TASK DETAILS
Extract all lines in the data that contain the word "units".

%%

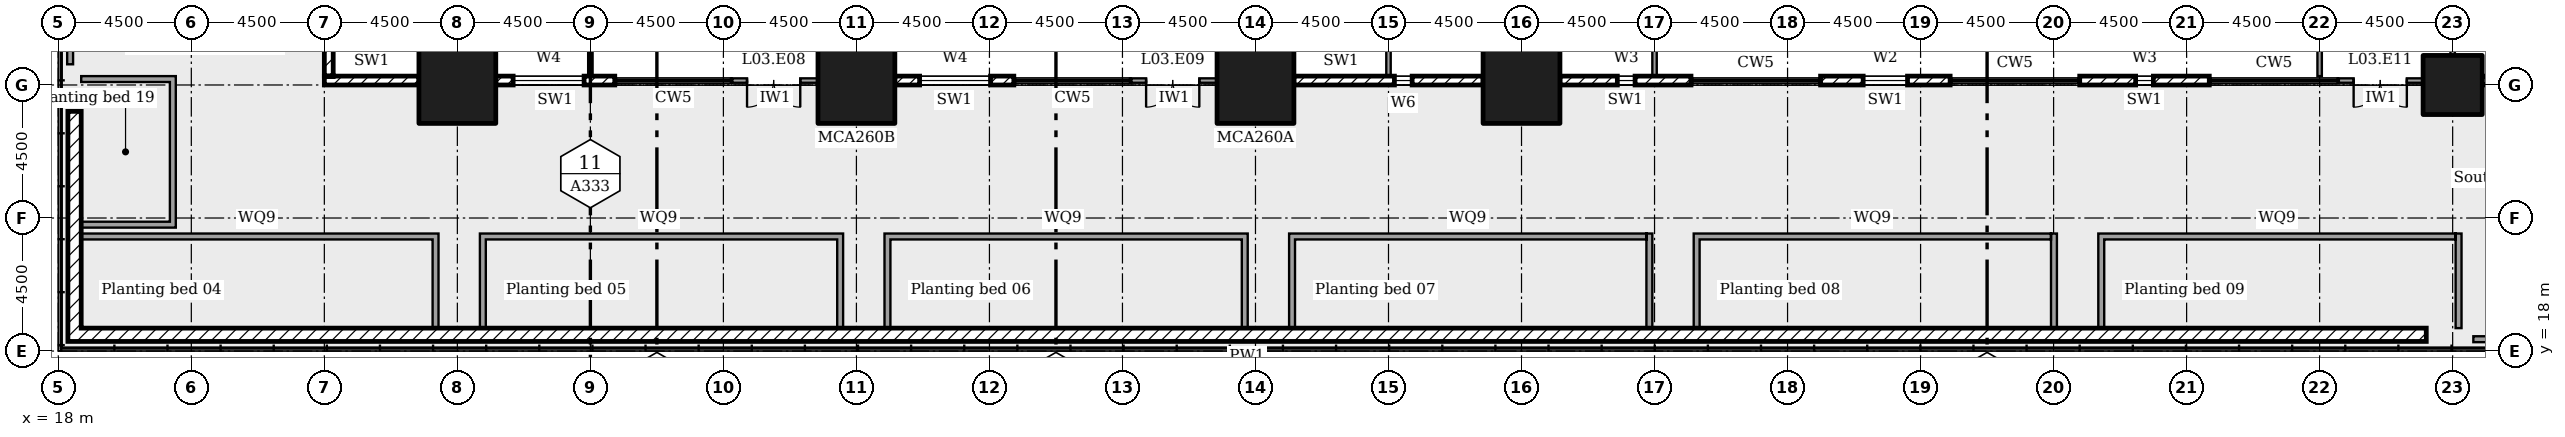
"""IFC4 building model, lengths in metres.
Left out: names, types, materials, properties, quantities, classifications, styles, units other than length and angle.
Written with IfcOpenShell. Run it as: python <this file> out.ifc"""

import sys

from ifc_helpers import new_model, si_unit, direction, frame, frame_2d, origin, origin_2d, place, context, subcontext, project, spatial, rectangle, extrude, element, fill, save


model = new_model("IFC4")
c1 = context("Model", 3, precision=1e-05, world=origin(), true_north=direction((0.0, 1.0)))
c2 = subcontext(c1, "Body", "Model", "MODEL_VIEW")
j1 = project(units=[si_unit("LENGTHUNIT", "METRE"), si_unit("PLANEANGLEUNIT", "RADIAN")], contexts=[c1])
p1 = place(None, origin())
s1 = spatial("IfcSite", under=j1, at=p1, CompositionType="ELEMENT")
p2 = place(p1, origin())
s2 = spatial("IfcBuilding", under=s1, at=p2, CompositionType="ELEMENT")
p3 = place(p2, frame((0.0, 0.0, 16.5)))
s3 = spatial("IfcBuildingStorey", under=s2, at=p3, CompositionType="ELEMENT", Elevation=16.5)
for number, where in (
    (1, (31.5, 27.0, 0.0)),
    (2, (45.0, 27.0, 0.0)),
    (3, (58.5, 27.0, 0.0)),
    (4, (67.5, 27.0, 0.0)),
):
    element("IfcColumn", number, at=place(p3, frame(where)), inside=s3, PredefinedType="COLUMN", context=c2, shape_type="SweptSolid", body=[
        extrude(rectangle(XDim=2.6, YDim=2.6, at=origin_2d()), origin(), (0.0, 0.0, 1.0), 4.5),
    ])
p4 = place(p3, frame((99.0, 27.0, 0.0)))
e5 = element("IfcColumn", 5, at=p4, inside=s3, PredefinedType="COLUMN", context=c2, shape_type="SweptSolid", body=[
    extrude(rectangle(XDim=2.0, YDim=2.0, at=origin_2d()), origin(), (0.0, 0.0, 1.0), 4.5),
])
p5 = place(p3, frame((27.0, 27.15, 0.0)))
e6 = element("IfcWall", 6, at=p5, inside=s3, PredefinedType="ELEMENTEDWALL", context=c2, shape_type="SweptSolid", body=[
    extrude(rectangle(XDim=3.2, YDim=0.3, at=frame_2d((1.6, 0.0))), origin(), (0.0, 0.0, 1.0), 4.05),
])
p6 = place(p3, frame((32.8, 27.15, 0.0)))
e7 = element("IfcWall", 7, at=p6, inside=s3, PredefinedType="ELEMENTEDWALL", context=c2, shape_type="SweptSolid", body=[
    extrude(rectangle(XDim=4.025, YDim=0.3, at=frame_2d((2.012, 0.0))), origin(), (0.0, 0.0, 1.0), 2.25),
])
p7 = place(p6, frame((0.587, 0.0, 0.45)))
e8 = element("IfcOpeningElement", 8, at=p7, cuts=e7, PredefinedType="OPENING", context=c2, shape_type="SweptSolid", body=[
    extrude(rectangle(XDim=2.4, YDim=1.7, at=frame_2d((1.2, 0.85))), frame((0.0, 0.16, 0.0), z_axis=(0.0, -1.0, 0.0), x_axis=(1.0, 0.0, 0.0)), (0.0, 0.0, 1.0), 0.32),
])
p8 = place(p3, frame((40.8, 27.15, 0.0)))
e9 = element("IfcWall", 9, at=p8, inside=s3, PredefinedType="SOLIDWALL", context=c2, shape_type="SweptSolid", body=[
    extrude(rectangle(XDim=2.9, YDim=0.15, at=frame_2d((1.45, 0.0))), origin(), (0.0, 0.0, 1.0), 2.25),
])
p9 = place(p8, frame((0.5, 0.0, 0.0)))
e10 = element("IfcOpeningElement", 10, at=p9, cuts=e9, PredefinedType="OPENING", context=c2, shape_type="SweptSolid", body=[
    extrude(rectangle(XDim=1.8, YDim=2.1, at=frame_2d((0.9, 1.05))), frame((0.0, 0.085, 0.0), z_axis=(0.0, -1.0, 0.0), x_axis=(1.0, 0.0, 0.0)), (0.0, 0.0, 1.0), 0.17),
])
p10 = place(p3, frame((46.3, 27.15, 0.0)))
e11 = element("IfcWall", 11, at=p10, inside=s3, PredefinedType="ELEMENTEDWALL", context=c2, shape_type="SweptSolid", body=[
    extrude(rectangle(XDim=4.025, YDim=0.3, at=frame_2d((2.012, 0.0))), origin(), (0.0, 0.0, 1.0), 2.25),
])
p11 = place(p10, frame((0.837, 0.0, 0.45)))
e12 = element("IfcOpeningElement", 12, at=p11, cuts=e11, PredefinedType="OPENING", context=c2, shape_type="SweptSolid", body=[
    extrude(rectangle(XDim=2.4, YDim=1.7, at=frame_2d((1.2, 0.85))), frame((0.0, 0.16, 0.0), z_axis=(0.0, -1.0, 0.0), x_axis=(1.0, 0.0, 0.0)), (0.0, 0.0, 1.0), 0.32),
])
p12 = place(p3, frame((54.3, 27.15, 0.0)))
e13 = element("IfcWall", 13, at=p12, inside=s3, PredefinedType="SOLIDWALL", context=c2, shape_type="SweptSolid", body=[
    extrude(rectangle(XDim=2.9, YDim=0.15, at=frame_2d((1.45, 0.0))), origin(), (0.0, 0.0, 1.0), 2.25),
])
p13 = place(p12, frame((0.5, 0.0, 0.0)))
e14 = element("IfcOpeningElement", 14, at=p13, cuts=e13, PredefinedType="OPENING", context=c2, shape_type="SweptSolid", body=[
    extrude(rectangle(XDim=1.8, YDim=2.1, at=frame_2d((0.9, 1.05))), frame((0.0, 0.085, 0.0), z_axis=(0.0, -1.0, 0.0), x_axis=(1.0, 0.0, 0.0)), (0.0, 0.0, 1.0), 0.17),
])
p14 = place(p3, frame((59.8, 27.15, 0.0)))
e15 = element("IfcWall", 15, at=p14, inside=s3, PredefinedType="ELEMENTEDWALL", context=c2, shape_type="SweptSolid", body=[
    extrude(rectangle(XDim=6.4, YDim=0.3, at=frame_2d((3.2, 0.0))), origin(), (0.0, 0.0, 1.0), 2.25),
])
p15 = place(p14, frame((3.4, 0.0, 0.45)))
e16 = element("IfcOpeningElement", 16, at=p15, cuts=e15, PredefinedType="OPENING", context=c2, shape_type="SweptSolid", body=[
    extrude(rectangle(XDim=0.6, YDim=1.7, at=frame_2d((0.3, 0.85))), frame((0.0, 0.16, 0.0), z_axis=(0.0, -1.0, 0.0), x_axis=(1.0, 0.0, 0.0)), (0.0, 0.0, 1.0), 0.32),
])
p16 = place(p3, frame((68.8, 27.15, 0.0)))
e17 = element("IfcWall", 17, at=p16, inside=s3, PredefinedType="ELEMENTEDWALL", context=c2, shape_type="SweptSolid", body=[
    extrude(rectangle(XDim=4.433, YDim=0.3, at=frame_2d((2.217, 0.0))), origin(), (0.0, 0.0, 1.0), 4.05),
])
p17 = place(p16, frame((1.942, 0.0, 0.45)))
e18 = element("IfcOpeningElement", 18, at=p17, cuts=e17, PredefinedType="OPENING", context=c2, shape_type="SweptSolid", body=[
    extrude(rectangle(XDim=0.6, YDim=2.4, at=frame_2d((0.3, 1.2))), frame((0.0, 0.16, 0.0), z_axis=(0.0, -1.0, 0.0), x_axis=(1.0, 0.0, 0.0)), (0.0, 0.0, 1.0), 0.32),
])
p18 = place(p3, frame((77.617, 27.15, 0.0)))
e19 = element("IfcWall", 19, at=p18, inside=s3, PredefinedType="ELEMENTEDWALL", context=c2, shape_type="SweptSolid", body=[
    extrude(rectangle(XDim=4.383, YDim=0.3, at=frame_2d((2.192, 0.0))), origin(), (0.0, 0.0, 1.0), 4.05),
])
p19 = place(p18, frame((1.442, 0.0, 0.9)))
e20 = element("IfcOpeningElement", 20, at=p19, cuts=e19, PredefinedType="OPENING", context=c2, shape_type="SweptSolid", body=[
    extrude(rectangle(XDim=1.5, YDim=1.8, at=frame_2d((0.75, 0.9))), frame((0.0, 0.16, 0.0), z_axis=(0.0, -1.0, 0.0), x_axis=(1.0, 0.0, 0.0)), (0.0, 0.0, 1.0), 0.32),
])
p20 = place(p3, frame((86.383, 27.15, 0.0)))
e21 = element("IfcWall", 21, at=p20, inside=s3, PredefinedType="ELEMENTEDWALL", context=c2, shape_type="SweptSolid", body=[
    extrude(rectangle(XDim=4.383, YDim=0.3, at=frame_2d((2.192, 0.0))), origin(), (0.0, 0.0, 1.0), 4.05),
])
p21 = place(p20, frame((1.892, 0.0, 0.45)))
e22 = element("IfcOpeningElement", 22, at=p21, cuts=e21, PredefinedType="OPENING", context=c2, shape_type="SweptSolid", body=[
    extrude(rectangle(XDim=0.6, YDim=2.4, at=frame_2d((0.3, 1.2))), frame((0.0, 0.16, 0.0), z_axis=(0.0, -1.0, 0.0), x_axis=(1.0, 0.0, 0.0)), (0.0, 0.0, 1.0), 0.32),
])
p22 = place(p3, frame((95.15, 27.15, 0.0)))
e23 = element("IfcWall", 23, at=p22, inside=s3, PredefinedType="SOLIDWALL", context=c2, shape_type="SweptSolid", body=[
    extrude(rectangle(XDim=2.85, YDim=0.15, at=frame_2d((1.425, 0.0))), origin(), (0.0, 0.0, 1.0), 4.05),
])
p23 = place(p22, frame((0.5, 0.0, 0.0)))
e24 = element("IfcOpeningElement", 24, at=p23, cuts=e23, PredefinedType="OPENING", context=c2, shape_type="SweptSolid", body=[
    extrude(rectangle(XDim=1.8, YDim=2.4, at=frame_2d((0.9, 1.2))), frame((0.0, 0.085, 0.0), z_axis=(0.0, -1.0, 0.0), x_axis=(1.0, 0.0, 0.0)), (0.0, 0.0, 1.0), 0.17),
])
p24 = place(p3, frame((100.0, 27.15, 0.0)))
e25 = element("IfcWall", 25, at=p24, inside=s3, PredefinedType="ELEMENTEDWALL", context=c2, shape_type="SweptSolid", body=[
    extrude(rectangle(XDim=4.25, YDim=0.3, at=frame_2d((2.125, 0.0))), origin(), (0.0, 0.0, 1.0), 2.25),
])
p25 = place(p24, frame((1.85, 0.0, 0.45)))
e26 = element("IfcOpeningElement", 26, at=p25, cuts=e25, PredefinedType="OPENING", context=c2, shape_type="SweptSolid", body=[
    extrude(rectangle(XDim=0.6, YDim=1.7, at=frame_2d((0.3, 0.85))), frame((0.0, 0.16, 0.0), z_axis=(0.0, -1.0, 0.0), x_axis=(1.0, 0.0, 0.0)), (0.0, 0.0, 1.0), 0.32),
])
p26 = place(p3, frame((27.15, 30.2, 0.0), z_axis=(0.0, 0.0, 1.0), x_axis=(0.0, -1.0, 0.0)))
e27 = element("IfcWall", 27, at=p26, inside=s3, PredefinedType="ELEMENTEDWALL", context=c2, shape_type="SweptSolid", body=[
    extrude(rectangle(XDim=2.9, YDim=0.3, at=frame_2d((1.45, 0.0))), origin(), (0.0, 0.0, 1.0), 4.05),
])
p27 = place(p3, frame((18.325, 18.55, 0.0)))
e28 = element("IfcWall", 28, at=p27, inside=s3, PredefinedType="SOLIDWALL", context=c2, shape_type="SweptSolid", body=[
    extrude(rectangle(XDim=79.782, YDim=0.45, at=frame_2d((39.891, 0.0))), origin(), (0.0, 0.0, 1.0), 0.6),
])
p28 = place(p3, frame((18.55, 26.107, 0.0), z_axis=(0.0, 0.0, 1.0), x_axis=(0.0, -1.0, 0.0)))
e29 = element("IfcWall", 29, at=p28, inside=s3, PredefinedType="SOLIDWALL", context=c2, shape_type="SweptSolid", body=[
    extrude(rectangle(XDim=7.333, YDim=0.45, at=frame_2d((3.666, 0.0))), origin(), (0.0, 0.0, 1.0), 0.6),
])
p29 = place(p3, frame((30.762, 18.775, 0.0), z_axis=(0.0, 0.0, 1.0), x_axis=(0.0, 1.0, 0.0)))
e30 = element("IfcWall", 30, at=p29, inside=s3, PredefinedType="SOLIDWALL", context=c2, shape_type="SweptSolid", body=[
    extrude(rectangle(XDim=3.2, YDim=0.2, at=frame_2d((1.6, 0.0))), origin(), (0.0, 0.0, 1.0), 0.45),
])
p30 = place(p3, frame((18.775, 21.875, 0.0)))
e31 = element("IfcWall", 31, at=p30, inside=s3, PredefinedType="SOLIDWALL", context=c2, shape_type="SweptSolid", body=[
    extrude(rectangle(XDim=11.888, YDim=0.2, at=frame_2d((5.944, 0.0))), origin(), (0.0, 0.0, 1.0), 0.45),
])
p31 = place(p3, frame((44.45, 18.775, 0.0), z_axis=(0.0, 0.0, 1.0), x_axis=(0.0, 1.0, 0.0)))
e32 = element("IfcWall", 32, at=p31, inside=s3, PredefinedType="SOLIDWALL", context=c2, shape_type="SweptSolid", body=[
    extrude(rectangle(XDim=3.2, YDim=0.2, at=frame_2d((1.6, 0.0))), origin(), (0.0, 0.0, 1.0), 0.45),
])
p32 = place(p3, frame((32.262, 21.875, 0.0)))
e33 = element("IfcWall", 33, at=p32, inside=s3, PredefinedType="SOLIDWALL", context=c2, shape_type="SweptSolid", body=[
    extrude(rectangle(XDim=12.088, YDim=0.2, at=frame_2d((6.044, 0.0))), origin(), (0.0, 0.0, 1.0), 0.45),
])
p33 = place(p3, frame((32.363, 18.775, 0.0), z_axis=(0.0, 0.0, 1.0), x_axis=(0.0, 1.0, 0.0)))
e34 = element("IfcWall", 34, at=p33, inside=s3, PredefinedType="SOLIDWALL", context=c2, shape_type="SweptSolid", body=[
    extrude(rectangle(XDim=3.0, YDim=0.2, at=frame_2d((1.5, 0.0))), origin(), (0.0, 0.0, 1.0), 0.45),
])
p34 = place(p3, frame((58.137, 18.775, 0.0), z_axis=(0.0, 0.0, 1.0), x_axis=(0.0, 1.0, 0.0)))
e35 = element("IfcWall", 35, at=p34, inside=s3, PredefinedType="SOLIDWALL", context=c2, shape_type="SweptSolid", body=[
    extrude(rectangle(XDim=3.2, YDim=0.2, at=frame_2d((1.6, 0.0))), origin(), (0.0, 0.0, 1.0), 0.45),
])
p35 = place(p3, frame((45.95, 21.875, 0.0)))
e36 = element("IfcWall", 36, at=p35, inside=s3, PredefinedType="SOLIDWALL", context=c2, shape_type="SweptSolid", body=[
    extrude(rectangle(XDim=12.088, YDim=0.2, at=frame_2d((6.044, 0.0))), origin(), (0.0, 0.0, 1.0), 0.45),
])
p36 = place(p3, frame((46.05, 18.775, 0.0), z_axis=(0.0, 0.0, 1.0), x_axis=(0.0, 1.0, 0.0)))
e37 = element("IfcWall", 37, at=p36, inside=s3, PredefinedType="SOLIDWALL", context=c2, shape_type="SweptSolid", body=[
    extrude(rectangle(XDim=3.0, YDim=0.2, at=frame_2d((1.5, 0.0))), origin(), (0.0, 0.0, 1.0), 0.45),
])
p37 = place(p3, frame((71.825, 18.775, 0.0), z_axis=(0.0, 0.0, 1.0), x_axis=(0.0, 1.0, 0.0)))
e38 = element("IfcWall", 38, at=p37, inside=s3, PredefinedType="SOLIDWALL", context=c2, shape_type="SweptSolid", body=[
    extrude(rectangle(XDim=3.2, YDim=0.2, at=frame_2d((1.6, 0.0))), origin(), (0.0, 0.0, 1.0), 0.45),
])
p38 = place(p3, frame((59.637, 21.875, 0.0)))
e39 = element("IfcWall", 39, at=p38, inside=s3, PredefinedType="SOLIDWALL", context=c2, shape_type="SweptSolid", body=[
    extrude(rectangle(XDim=12.088, YDim=0.2, at=frame_2d((6.044, 0.0))), origin(), (0.0, 0.0, 1.0), 0.45),
])
p39 = place(p3, frame((59.738, 18.775, 0.0), z_axis=(0.0, 0.0, 1.0), x_axis=(0.0, 1.0, 0.0)))
e40 = element("IfcWall", 40, at=p39, inside=s3, PredefinedType="SOLIDWALL", context=c2, shape_type="SweptSolid", body=[
    extrude(rectangle(XDim=3.0, YDim=0.2, at=frame_2d((1.5, 0.0))), origin(), (0.0, 0.0, 1.0), 0.45),
])
p40 = place(p3, frame((85.512, 18.775, 0.0), z_axis=(0.0, 0.0, 1.0), x_axis=(0.0, 1.0, 0.0)))
e41 = element("IfcWall", 41, at=p40, inside=s3, PredefinedType="SOLIDWALL", context=c2, shape_type="SweptSolid", body=[
    extrude(rectangle(XDim=3.2, YDim=0.2, at=frame_2d((1.6, 0.0))), origin(), (0.0, 0.0, 1.0), 0.45),
])
p41 = place(p3, frame((73.325, 21.875, 0.0)))
e42 = element("IfcWall", 42, at=p41, inside=s3, PredefinedType="SOLIDWALL", context=c2, shape_type="SweptSolid", body=[
    extrude(rectangle(XDim=12.088, YDim=0.2, at=frame_2d((6.044, 0.0))), origin(), (0.0, 0.0, 1.0), 0.45),
])
p42 = place(p3, frame((73.425, 18.775, 0.0), z_axis=(0.0, 0.0, 1.0), x_axis=(0.0, 1.0, 0.0)))
e43 = element("IfcWall", 43, at=p42, inside=s3, PredefinedType="SOLIDWALL", context=c2, shape_type="SweptSolid", body=[
    extrude(rectangle(XDim=3.0, YDim=0.2, at=frame_2d((1.5, 0.0))), origin(), (0.0, 0.0, 1.0), 0.45),
])
p43 = place(p3, frame((99.2, 18.775, 0.0), z_axis=(0.0, 0.0, 1.0), x_axis=(0.0, 1.0, 0.0)))
e44 = element("IfcWall", 44, at=p43, inside=s3, PredefinedType="SOLIDWALL", context=c2, shape_type="SweptSolid", body=[
    extrude(rectangle(XDim=3.2, YDim=0.2, at=frame_2d((1.6, 0.0))), origin(), (0.0, 0.0, 1.0), 0.45),
])
p44 = place(p3, frame((87.012, 21.875, 0.0)))
e45 = element("IfcWall", 45, at=p44, inside=s3, PredefinedType="SOLIDWALL", context=c2, shape_type="SweptSolid", body=[
    extrude(rectangle(XDim=12.088, YDim=0.2, at=frame_2d((6.044, 0.0))), origin(), (0.0, 0.0, 1.0), 0.45),
])
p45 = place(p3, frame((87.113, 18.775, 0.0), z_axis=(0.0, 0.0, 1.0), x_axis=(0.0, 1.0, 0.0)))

%%

EXERCISE SOLUTION
Left out: names, types, materials, properties, quantities, classifications, styles, units other than length and angle.
j1 = project(units=[si_unit("LENGTHUNIT", "METRE"), si_unit("PLANEANGLEUNIT", "RADIAN")], contexts=[c1])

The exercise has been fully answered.